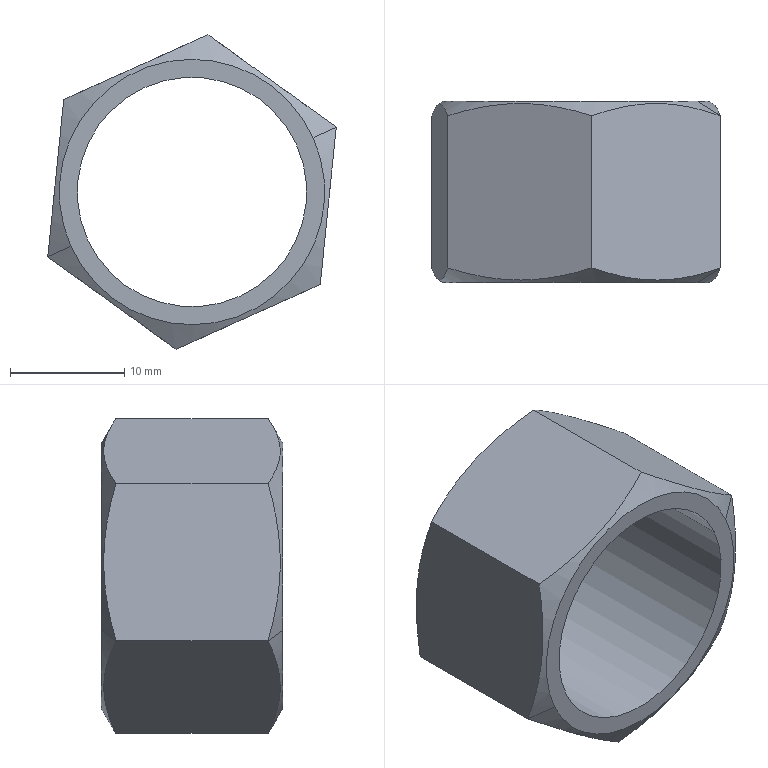Component | SolidWorks | YC1-250-04BalancerAssembly#16673-1_GBHexNutM20_GB_FASTENER_NUT_SNC1M16-N-1 | 1 solid | 14 faces | box 25.28 x 15.9 x 27.57 mm | volume 2830 mm3 | plane 8 | cone 4 | cylinder 2 | commonest cylinder face diameters 20.1 x2 | material Plain Carbon Steel
STEP:
#1=CARTESIAN_POINT('',(-13.739,185.201,-4.895));
#2=VERTEX_POINT('',#1);
#3=CARTESIAN_POINT('',(-13.017,185.201,-4.57));
#4=VERTEX_POINT('',#3);
#5=CARTESIAN_POINT('',(-13.378,185.201,-4.733));
#6=DIRECTION('',(-0.,1.,0.));
#7=DIRECTION('',(-0.9121,0.,-0.41));
#8=AXIS2_PLACEMENT_3D('',#5,#6,#7);
#9=CIRCLE('',#8,0.3957);
#10=EDGE_CURVE('',#2,#4,#9,.T.);
#11=ORIENTED_EDGE('',*,*,#10,.F.);
#12=CARTESIAN_POINT('',(-13.739,185.827,-4.895));
#13=VERTEX_POINT('',#12);
#14=CARTESIAN_POINT('',(-13.739,185.201,-4.895));
#15=DIRECTION('',(-0.,1.,0.));
#16=VECTOR('',#15,39.37);
#17=LINE('',#14,#16);
#18=EDGE_CURVE('',#2,#13,#17,.T.);
#19=ORIENTED_EDGE('',*,*,#18,.T.);
#20=CARTESIAN_POINT('',(-13.017,185.827,-4.57));
#21=VERTEX_POINT('',#20);
#22=CARTESIAN_POINT('',(-13.378,185.827,-4.733));
#23=DIRECTION('',(-0.,1.,0.));
#24=DIRECTION('',(-0.9121,0.,-0.41));
#25=AXIS2_PLACEMENT_3D('',#22,#23,#24);
#26=CIRCLE('',#25,0.3957);
#27=EDGE_CURVE('',#13,#21,#26,.T.);
#28=ORIENTED_EDGE('',*,*,#27,.T.);
#29=CARTESIAN_POINT('',(-13.017,185.201,-4.57));
#30=DIRECTION('',(-0.,1.,0.));
#31=VECTOR('',#30,39.37);
#32=LINE('',#29,#31);
#33=EDGE_CURVE('',#4,#21,#32,.T.);
#34=ORIENTED_EDGE('',*,*,#33,.F.);
#35=EDGE_LOOP('',(#11,#19,#28,#34));
#36=FACE_OUTER_BOUND('',#35,.T.);
#37=CARTESIAN_POINT('',(-13.378,185.201,-4.733));
#38=DIRECTION('',(-0.,1.,0.));
#39=DIRECTION('',(0.9121,0.,0.41));
#40=AXIS2_PLACEMENT_3D('',#37,#38,#39);
#41=CYLINDRICAL_SURFACE('',#40,0.3957);
#42=ADVANCED_FACE('',(#36),#41,.F.);
#43=CARTESIAN_POINT('',(-13.795,185.827,-4.92));
#44=VERTEX_POINT('',#43);
#45=CARTESIAN_POINT('',(-12.96,185.827,-4.545));
#46=VERTEX_POINT('',#45);
#47=CARTESIAN_POINT('',(-13.378,185.827,-4.733));
#48=DIRECTION('',(0.,-1.,-0.));
#49=DIRECTION('',(-0.9121,0.,-0.41));
#50=AXIS2_PLACEMENT_3D('',#47,#48,#49);
#51=CIRCLE('',#50,0.4577);
#52=EDGE_CURVE('',#44,#46,#51,.T.);
#53=ORIENTED_EDGE('',*,*,#52,.T.);
#54=CARTESIAN_POINT('',(-12.88,185.776,-4.509));
#55=VERTEX_POINT('',#54);
#56=CARTESIAN_POINT('',(-12.88,185.776,-4.509));
#57=DIRECTION('',(0.7899,-0.5,0.3551));
#58=VECTOR('',#57,39.37);
#59=LINE('',#56,#58);
#60=EDGE_CURVE('',#46,#55,#59,.T.);
#61=ORIENTED_EDGE('',*,*,#60,.T.);
#62=CARTESIAN_POINT('',(-12.935,185.776,-5.052));
#63=VERTEX_POINT('',#62);
#64=CARTESIAN_POINT('',(-12.88,185.776,-4.509));
#65=CARTESIAN_POINT('',(-12.885,185.789,-4.553));
#66=CARTESIAN_POINT('',(-12.889,185.8,-4.598));
#67=CARTESIAN_POINT('',(-12.898,185.814,-4.688));
#68=CARTESIAN_POINT('',(-12.903,185.818,-4.734));
#69=CARTESIAN_POINT('',(-12.91,185.818,-4.803));
#70=CARTESIAN_POINT('',(-12.912,185.817,-4.826));
#71=CARTESIAN_POINT('',(-12.917,185.813,-4.872));
#72=CARTESIAN_POINT('',(-12.919,185.811,-4.895));
#73=CARTESIAN_POINT('',(-12.926,185.8,-4.963));
#74=CARTESIAN_POINT('',(-12.931,185.789,-5.007));
#75=CARTESIAN_POINT('',(-12.935,185.776,-5.052));
#76=B_SPLINE_CURVE_WITH_KNOTS('',3,(#64,#65,#66,#67,#68,#69,#70,#71,#72,#73,#74,#75),.UNSPECIFIED.,.F.,.F.,(4,2,2,2,2,4),(0.,0.003499,0.006997,0.008746,0.0105,0.01399),.UNSPECIFIED.);
#77=EDGE_CURVE('',#55,#63,#76,.T.);
#78=ORIENTED_EDGE('',*,*,#77,.T.);
#79=CARTESIAN_POINT('',(-13.433,185.776,-5.275));
#80=VERTEX_POINT('',#79);
#81=CARTESIAN_POINT('',(-12.935,185.776,-5.052));
#82=CARTESIAN_POINT('',(-12.976,185.789,-5.07));
#83=CARTESIAN_POINT('',(-13.017,185.8,-5.088));
#84=CARTESIAN_POINT('',(-13.099,185.814,-5.125));
#85=CARTESIAN_POINT('',(-13.141,185.818,-5.144));
#86=CARTESIAN_POINT('',(-13.205,185.818,-5.173));
#87=CARTESIAN_POINT('',(-13.226,185.817,-5.182));
#88=CARTESIAN_POINT('',(-13.268,185.813,-5.201));
#89=CARTESIAN_POINT('',(-13.289,185.811,-5.211));
#90=CARTESIAN_POINT('',(-13.351,185.8,-5.239));
#91=CARTESIAN_POINT('',(-13.392,185.789,-5.257));
#92=CARTESIAN_POINT('',(-13.433,185.776,-5.275));
#93=B_SPLINE_CURVE_WITH_KNOTS('',3,(#81,#82,#83,#84,#85,#86,#87,#88,#89,#90,#91,#92),.UNSPECIFIED.,.F.,.F.,(4,2,2,2,2,4),(0.,0.003499,0.006997,0.008746,0.0105,0.01399),.UNSPECIFIED.);
#94=EDGE_CURVE('',#63,#80,#93,.T.);
#95=ORIENTED_EDGE('',*,*,#94,.T.);
#96=CARTESIAN_POINT('',(-13.875,185.776,-4.956));
#97=VERTEX_POINT('',#96);
#98=CARTESIAN_POINT('',(-13.433,185.776,-5.275));
#99=CARTESIAN_POINT('',(-13.469,185.789,-5.249));
#100=CARTESIAN_POINT('',(-13.505,185.8,-5.223));
#101=CARTESIAN_POINT('',(-13.579,185.814,-5.17));
#102=CARTESIAN_POINT('',(-13.616,185.818,-5.143));
#103=CARTESIAN_POINT('',(-13.672,185.818,-5.103));
#104=CARTESIAN_POINT('',(-13.691,185.817,-5.089));
#105=CARTESIAN_POINT('',(-13.729,185.813,-5.062));
#106=CARTESIAN_POINT('',(-13.747,185.811,-5.049));
#107=CARTESIAN_POINT('',(-13.803,185.8,-5.009));
#108=CARTESIAN_POINT('',(-13.839,185.789,-4.982));
#109=CARTESIAN_POINT('',(-13.875,185.776,-4.956));
#110=B_SPLINE_CURVE_WITH_KNOTS('',3,(#98,#99,#100,#101,#102,#103,#104,#105,#106,#107,#108,#109),.UNSPECIFIED.,.F.,.F.,(4,2,2,2,2,4),(0.,0.003499,0.006997,0.008746,0.0105,0.01399),.UNSPECIFIED.);
#111=EDGE_CURVE('',#80,#97,#110,.T.);
#112=ORIENTED_EDGE('',*,*,#111,.T.);
#113=CARTESIAN_POINT('',(-13.876,185.776,-4.957));
#114=DIRECTION('',(-0.7899,-0.5,-0.3551));
#115=VECTOR('',#114,39.37);
#116=LINE('',#113,#115);
#117=EDGE_CURVE('',#44,#97,#116,.T.);
#118=ORIENTED_EDGE('',*,*,#117,.F.);
#119=EDGE_LOOP('',(#53,#61,#78,#95,#112,#118));
#120=FACE_OUTER_BOUND('',#119,.T.);
#121=CARTESIAN_POINT('',(-13.378,185.776,-4.733));
#122=DIRECTION('',(0.,-1.,-0.));
#123=DIRECTION('',(-0.9121,0.,-0.41));
#124=AXIS2_PLACEMENT_3D('',#121,#122,#123);
#125=CONICAL_SURFACE('',#124,0.5461,1.047);
#126=ADVANCED_FACE('',(#120),#125,.T.);
#127=CARTESIAN_POINT('',(-13.795,185.201,-4.92));
#128=VERTEX_POINT('',#127);
#129=CARTESIAN_POINT('',(-12.96,185.201,-4.545));
#130=VERTEX_POINT('',#129);
#131=CARTESIAN_POINT('',(-13.378,185.201,-4.733));
#132=DIRECTION('',(0.,-1.,-0.));
#133=DIRECTION('',(0.9121,0.,0.41));
#134=AXIS2_PLACEMENT_3D('',#131,#132,#133);
#135=CIRCLE('',#134,0.4577);
#136=EDGE_CURVE('',#128,#130,#135,.T.);
#137=ORIENTED_EDGE('',*,*,#136,.F.);
#138=CARTESIAN_POINT('',(-13.875,185.252,-4.956));
#139=VERTEX_POINT('',#138);
#140=CARTESIAN_POINT('',(-13.876,185.252,-4.957));
#141=DIRECTION('',(-0.7899,0.5,-0.3551));
#142=VECTOR('',#141,39.37);
#143=LINE('',#140,#142);
#144=EDGE_CURVE('',#128,#139,#143,.T.);
#145=ORIENTED_EDGE('',*,*,#144,.T.);
#146=CARTESIAN_POINT('',(-13.433,185.252,-5.275));
#147=VERTEX_POINT('',#146);
#148=CARTESIAN_POINT('',(-13.875,185.252,-4.956));
#149=CARTESIAN_POINT('',(-13.839,185.239,-4.982));
#150=CARTESIAN_POINT('',(-13.803,185.228,-5.009));
#151=CARTESIAN_POINT('',(-13.729,185.213,-5.062));
#152=CARTESIAN_POINT('',(-13.692,185.209,-5.088));
#153=CARTESIAN_POINT('',(-13.636,185.209,-5.129));
#154=CARTESIAN_POINT('',(-13.617,185.21,-5.143));
#155=CARTESIAN_POINT('',(-13.579,185.214,-5.17));
#156=CARTESIAN_POINT('',(-13.561,185.217,-5.183));
#157=CARTESIAN_POINT('',(-13.505,185.228,-5.223));
#158=CARTESIAN_POINT('',(-13.469,185.239,-5.249));
#159=CARTESIAN_POINT('',(-13.433,185.252,-5.275));
#160=B_SPLINE_CURVE_WITH_KNOTS('',3,(#148,#149,#150,#151,#152,#153,#154,#155,#156,#157,#158,#159),.UNSPECIFIED.,.F.,.F.,(4,2,2,2,2,4),(0.,0.003499,0.006997,0.008746,0.0105,0.01399),.UNSPECIFIED.);
#161=EDGE_CURVE('',#139,#147,#160,.T.);
#162=ORIENTED_EDGE('',*,*,#161,.T.);
#163=CARTESIAN_POINT('',(-12.935,185.252,-5.052));
#164=VERTEX_POINT('',#163);
#165=CARTESIAN_POINT('',(-13.433,185.252,-5.275));
#166=CARTESIAN_POINT('',(-13.392,185.239,-5.257));
#167=CARTESIAN_POINT('',(-13.351,185.228,-5.239));
#168=CARTESIAN_POINT('',(-13.268,185.213,-5.202));
#169=CARTESIAN_POINT('',(-13.227,185.209,-5.183));
#170=CARTESIAN_POINT('',(-13.163,185.209,-5.154));
#171=CARTESIAN_POINT('',(-13.142,185.21,-5.145));
#172=CARTESIAN_POINT('',(-13.1,185.214,-5.126));
#173=CARTESIAN_POINT('',(-13.079,185.217,-5.116));
#174=CARTESIAN_POINT('',(-13.017,185.228,-5.088));
#175=CARTESIAN_POINT('',(-12.976,185.239,-5.07));
#176=CARTESIAN_POINT('',(-12.935,185.252,-5.052));
#177=B_SPLINE_CURVE_WITH_KNOTS('',3,(#165,#166,#167,#168,#169,#170,#171,#172,#173,#174,#175,#176),.UNSPECIFIED.,.F.,.F.,(4,2,2,2,2,4),(0.,0.003499,0.006997,0.008746,0.0105,0.01399),.UNSPECIFIED.);
#178=EDGE_CURVE('',#147,#164,#177,.T.);
#179=ORIENTED_EDGE('',*,*,#178,.T.);
#180=CARTESIAN_POINT('',(-12.88,185.252,-4.509));
#181=VERTEX_POINT('',#180);
#182=CARTESIAN_POINT('',(-12.935,185.252,-5.052));
#183=CARTESIAN_POINT('',(-12.931,185.239,-5.007));
#184=CARTESIAN_POINT('',(-12.926,185.228,-4.963));
#185=CARTESIAN_POINT('',(-12.917,185.213,-4.873));
#186=CARTESIAN_POINT('',(-12.912,185.209,-4.827));
#187=CARTESIAN_POINT('',(-12.905,185.209,-4.758));
#188=CARTESIAN_POINT('',(-12.903,185.21,-4.735));
#189=CARTESIAN_POINT('',(-12.898,185.214,-4.689));
#190=CARTESIAN_POINT('',(-12.896,185.217,-4.666));
#191=CARTESIAN_POINT('',(-12.889,185.228,-4.598));
#192=CARTESIAN_POINT('',(-12.885,185.239,-4.553));
#193=CARTESIAN_POINT('',(-12.88,185.252,-4.509));
#194=B_SPLINE_CURVE_WITH_KNOTS('',3,(#182,#183,#184,#185,#186,#187,#188,#189,#190,#191,#192,#193),.UNSPECIFIED.,.F.,.F.,(4,2,2,2,2,4),(0.,0.003499,0.006997,0.008746,0.0105,0.01399),.UNSPECIFIED.);
#195=EDGE_CURVE('',#164,#181,#194,.T.);
#196=ORIENTED_EDGE('',*,*,#195,.T.);
#197=CARTESIAN_POINT('',(-12.88,185.252,-4.509));
#198=DIRECTION('',(0.7899,0.5,0.3551));
#199=VECTOR('',#198,39.37);
#200=LINE('',#197,#199);
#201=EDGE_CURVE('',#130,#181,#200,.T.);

====

DESCRIPTION OF THE TASK: From the first line above down to the line with "#11=ORIENTED_EDGE('',*,*,#10,.F.);", reproduce every line and no others, omitting pictures.

SOLUTION TO THE PROBLEM:
Component | SolidWorks | YC1-250-04BalancerAssembly#16673-1_GBHexNutM20_GB_FASTENER_NUT_SNC1M16-N-1 | 1 solid | 14 faces | box 25.28 x 15.9 x 27.57 mm | volume 2830 mm3 | plane 8 | cone 4 | cylinder 2 | commonest cylinder face diameters 20.1 x2 | material Plain Carbon Steel
STEP:
#1=CARTESIAN_POINT('',(-13.739,185.201,-4.895));
#2=VERTEX_POINT('',#1);
#3=CARTESIAN_POINT('',(-13.017,185.201,-4.57));
#4=VERTEX_POINT('',#3);
#5=CARTESIAN_POINT('',(-13.378,185.201,-4.733));
#6=DIRECTION('',(-0.,1.,0.));
#7=DIRECTION('',(-0.9121,0.,-0.41));
#8=AXIS2_PLACEMENT_3D('',#5,#6,#7);
#9=CIRCLE('',#8,0.3957);
#10=EDGE_CURVE('',#2,#4,#9,.T.);
#11=ORIENTED_EDGE('',*,*,#10,.F.);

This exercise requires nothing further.